(Beginning of INFORMATION SUPPLIED)

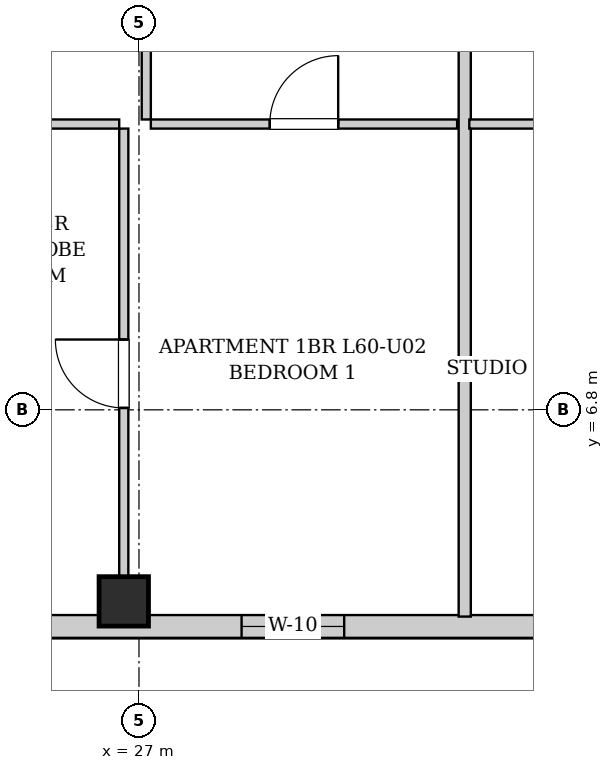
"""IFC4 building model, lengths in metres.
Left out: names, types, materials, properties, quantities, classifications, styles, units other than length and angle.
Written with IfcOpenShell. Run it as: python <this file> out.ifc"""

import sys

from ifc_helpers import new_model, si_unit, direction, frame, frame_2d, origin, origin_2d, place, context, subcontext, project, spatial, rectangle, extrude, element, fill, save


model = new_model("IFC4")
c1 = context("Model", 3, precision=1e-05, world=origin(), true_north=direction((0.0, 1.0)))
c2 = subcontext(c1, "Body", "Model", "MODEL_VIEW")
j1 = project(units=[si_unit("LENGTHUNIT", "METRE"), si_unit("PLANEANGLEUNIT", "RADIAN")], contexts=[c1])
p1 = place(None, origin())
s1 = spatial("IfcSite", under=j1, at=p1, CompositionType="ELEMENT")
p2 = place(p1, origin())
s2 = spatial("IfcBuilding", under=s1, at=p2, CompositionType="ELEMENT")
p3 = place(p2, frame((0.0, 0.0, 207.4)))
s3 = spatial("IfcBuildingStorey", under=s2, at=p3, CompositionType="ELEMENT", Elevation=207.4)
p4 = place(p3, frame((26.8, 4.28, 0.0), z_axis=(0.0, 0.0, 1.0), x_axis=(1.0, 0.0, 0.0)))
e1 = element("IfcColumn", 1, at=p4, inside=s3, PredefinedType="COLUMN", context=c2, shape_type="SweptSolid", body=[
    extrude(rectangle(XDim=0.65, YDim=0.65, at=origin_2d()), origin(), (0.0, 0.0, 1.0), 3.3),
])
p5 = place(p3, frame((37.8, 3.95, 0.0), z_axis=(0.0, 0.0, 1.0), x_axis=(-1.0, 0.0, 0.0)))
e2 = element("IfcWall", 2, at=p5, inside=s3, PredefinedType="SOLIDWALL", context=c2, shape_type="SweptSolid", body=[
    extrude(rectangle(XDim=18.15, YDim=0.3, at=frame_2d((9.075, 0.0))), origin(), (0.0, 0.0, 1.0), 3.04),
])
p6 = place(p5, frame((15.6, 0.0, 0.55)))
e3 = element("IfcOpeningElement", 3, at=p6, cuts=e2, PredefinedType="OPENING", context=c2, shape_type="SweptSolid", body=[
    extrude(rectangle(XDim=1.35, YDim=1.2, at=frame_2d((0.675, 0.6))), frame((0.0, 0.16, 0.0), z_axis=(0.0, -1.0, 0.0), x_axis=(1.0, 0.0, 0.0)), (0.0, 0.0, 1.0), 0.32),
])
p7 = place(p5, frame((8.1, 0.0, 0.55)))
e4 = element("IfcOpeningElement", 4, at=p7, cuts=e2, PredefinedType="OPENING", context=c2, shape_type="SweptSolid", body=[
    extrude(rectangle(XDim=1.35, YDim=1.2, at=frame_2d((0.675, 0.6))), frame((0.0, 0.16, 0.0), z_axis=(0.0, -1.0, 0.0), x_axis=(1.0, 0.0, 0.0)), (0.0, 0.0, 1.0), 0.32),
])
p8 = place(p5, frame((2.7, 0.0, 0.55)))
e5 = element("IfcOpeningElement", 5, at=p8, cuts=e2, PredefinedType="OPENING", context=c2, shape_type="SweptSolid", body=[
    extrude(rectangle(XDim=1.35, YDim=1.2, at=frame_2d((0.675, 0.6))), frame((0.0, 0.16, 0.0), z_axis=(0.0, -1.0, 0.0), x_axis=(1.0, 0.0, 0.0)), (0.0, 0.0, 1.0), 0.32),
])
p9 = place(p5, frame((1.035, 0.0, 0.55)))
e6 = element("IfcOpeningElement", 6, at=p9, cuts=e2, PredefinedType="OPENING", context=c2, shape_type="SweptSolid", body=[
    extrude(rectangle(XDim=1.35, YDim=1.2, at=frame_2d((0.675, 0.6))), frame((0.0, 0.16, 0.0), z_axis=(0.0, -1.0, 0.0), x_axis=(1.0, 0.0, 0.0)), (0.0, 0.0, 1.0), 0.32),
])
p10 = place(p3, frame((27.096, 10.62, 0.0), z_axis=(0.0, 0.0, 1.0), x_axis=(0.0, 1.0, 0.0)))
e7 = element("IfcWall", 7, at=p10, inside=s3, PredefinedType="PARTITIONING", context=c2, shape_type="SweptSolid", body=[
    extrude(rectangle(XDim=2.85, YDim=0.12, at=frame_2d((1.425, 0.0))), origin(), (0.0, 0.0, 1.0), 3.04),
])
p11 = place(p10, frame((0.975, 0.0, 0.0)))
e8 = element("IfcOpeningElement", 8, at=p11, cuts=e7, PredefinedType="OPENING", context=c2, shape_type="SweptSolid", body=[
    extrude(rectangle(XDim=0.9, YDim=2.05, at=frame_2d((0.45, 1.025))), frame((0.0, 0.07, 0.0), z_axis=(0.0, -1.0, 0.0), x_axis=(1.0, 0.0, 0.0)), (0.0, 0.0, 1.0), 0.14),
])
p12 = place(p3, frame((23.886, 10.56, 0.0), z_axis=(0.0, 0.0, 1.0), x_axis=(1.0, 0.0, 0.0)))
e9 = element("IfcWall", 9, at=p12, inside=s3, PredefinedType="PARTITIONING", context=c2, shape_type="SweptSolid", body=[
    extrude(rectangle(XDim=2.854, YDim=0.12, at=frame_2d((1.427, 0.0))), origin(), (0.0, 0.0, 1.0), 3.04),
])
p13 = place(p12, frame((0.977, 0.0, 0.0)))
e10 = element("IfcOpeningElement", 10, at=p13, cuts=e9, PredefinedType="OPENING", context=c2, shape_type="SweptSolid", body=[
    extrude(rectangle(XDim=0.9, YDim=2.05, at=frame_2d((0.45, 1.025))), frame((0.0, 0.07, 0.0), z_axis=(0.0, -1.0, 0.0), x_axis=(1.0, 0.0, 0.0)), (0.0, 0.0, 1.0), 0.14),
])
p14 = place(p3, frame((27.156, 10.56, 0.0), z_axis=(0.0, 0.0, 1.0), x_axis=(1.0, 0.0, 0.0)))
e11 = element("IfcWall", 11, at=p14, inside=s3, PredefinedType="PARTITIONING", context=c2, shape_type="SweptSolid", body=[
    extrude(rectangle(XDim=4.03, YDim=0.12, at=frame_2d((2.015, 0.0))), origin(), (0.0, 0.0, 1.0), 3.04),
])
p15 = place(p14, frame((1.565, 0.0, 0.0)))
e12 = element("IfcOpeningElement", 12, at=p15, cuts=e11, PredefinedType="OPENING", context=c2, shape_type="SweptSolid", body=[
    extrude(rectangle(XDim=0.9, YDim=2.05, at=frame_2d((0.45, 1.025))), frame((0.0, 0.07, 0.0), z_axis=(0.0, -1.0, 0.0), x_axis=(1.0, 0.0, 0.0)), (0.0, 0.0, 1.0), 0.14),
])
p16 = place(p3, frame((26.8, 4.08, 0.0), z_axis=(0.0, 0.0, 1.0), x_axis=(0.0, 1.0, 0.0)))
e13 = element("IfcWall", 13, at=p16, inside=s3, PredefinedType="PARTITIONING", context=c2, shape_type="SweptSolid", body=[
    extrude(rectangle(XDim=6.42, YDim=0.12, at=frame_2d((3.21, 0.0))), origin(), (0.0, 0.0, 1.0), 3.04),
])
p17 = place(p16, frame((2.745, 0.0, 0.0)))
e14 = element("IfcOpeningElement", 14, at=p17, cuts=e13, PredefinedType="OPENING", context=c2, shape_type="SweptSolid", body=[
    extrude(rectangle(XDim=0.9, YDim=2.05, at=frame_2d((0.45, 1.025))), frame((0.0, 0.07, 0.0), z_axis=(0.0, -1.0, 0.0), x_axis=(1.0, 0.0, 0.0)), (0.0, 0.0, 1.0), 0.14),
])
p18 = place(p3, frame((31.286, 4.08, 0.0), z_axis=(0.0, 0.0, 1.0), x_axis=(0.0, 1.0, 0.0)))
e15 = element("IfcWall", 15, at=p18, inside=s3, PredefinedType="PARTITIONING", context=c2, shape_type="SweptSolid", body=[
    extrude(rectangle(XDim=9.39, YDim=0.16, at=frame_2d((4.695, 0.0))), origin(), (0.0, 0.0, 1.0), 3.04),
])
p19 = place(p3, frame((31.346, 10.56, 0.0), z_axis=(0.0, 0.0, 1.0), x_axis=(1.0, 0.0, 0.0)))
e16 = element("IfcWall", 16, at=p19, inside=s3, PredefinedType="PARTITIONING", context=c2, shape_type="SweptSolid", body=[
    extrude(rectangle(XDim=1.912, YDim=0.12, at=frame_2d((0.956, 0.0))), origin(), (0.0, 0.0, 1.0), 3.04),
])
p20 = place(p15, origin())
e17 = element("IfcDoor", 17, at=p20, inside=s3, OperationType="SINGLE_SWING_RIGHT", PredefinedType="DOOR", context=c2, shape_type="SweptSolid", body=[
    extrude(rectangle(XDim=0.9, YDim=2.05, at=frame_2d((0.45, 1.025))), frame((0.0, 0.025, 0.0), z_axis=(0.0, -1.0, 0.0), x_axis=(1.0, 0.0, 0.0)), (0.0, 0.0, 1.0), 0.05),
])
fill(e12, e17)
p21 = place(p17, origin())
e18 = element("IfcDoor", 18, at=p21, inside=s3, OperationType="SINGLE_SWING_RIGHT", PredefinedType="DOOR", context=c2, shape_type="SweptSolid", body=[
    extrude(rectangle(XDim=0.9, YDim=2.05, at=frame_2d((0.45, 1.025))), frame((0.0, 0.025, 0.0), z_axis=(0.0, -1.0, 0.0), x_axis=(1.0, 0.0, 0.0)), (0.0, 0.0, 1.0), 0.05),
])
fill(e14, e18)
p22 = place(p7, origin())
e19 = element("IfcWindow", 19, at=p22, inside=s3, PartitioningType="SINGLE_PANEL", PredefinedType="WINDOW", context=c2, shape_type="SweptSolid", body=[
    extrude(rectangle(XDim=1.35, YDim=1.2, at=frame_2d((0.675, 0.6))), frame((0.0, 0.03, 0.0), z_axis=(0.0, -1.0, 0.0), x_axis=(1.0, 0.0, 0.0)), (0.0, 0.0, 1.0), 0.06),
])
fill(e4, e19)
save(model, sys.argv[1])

(End of INFORMATION SUPPLIED)

EXERCISE PROMPT => "DOOR" is the string to look for; please copy every line of the records above where it appears.

ANSWER FOR THE TASK =>
e17 = element("IfcDoor", 17, at=p20, inside=s3, OperationType="SINGLE_SWING_RIGHT", PredefinedType="DOOR", context=c2, shape_type="SweptSolid", body=[
e18 = element("IfcDoor", 18, at=p21, inside=s3, OperationType="SINGLE_SWING_RIGHT", PredefinedType="DOOR", context=c2, shape_type="SweptSolid", body=[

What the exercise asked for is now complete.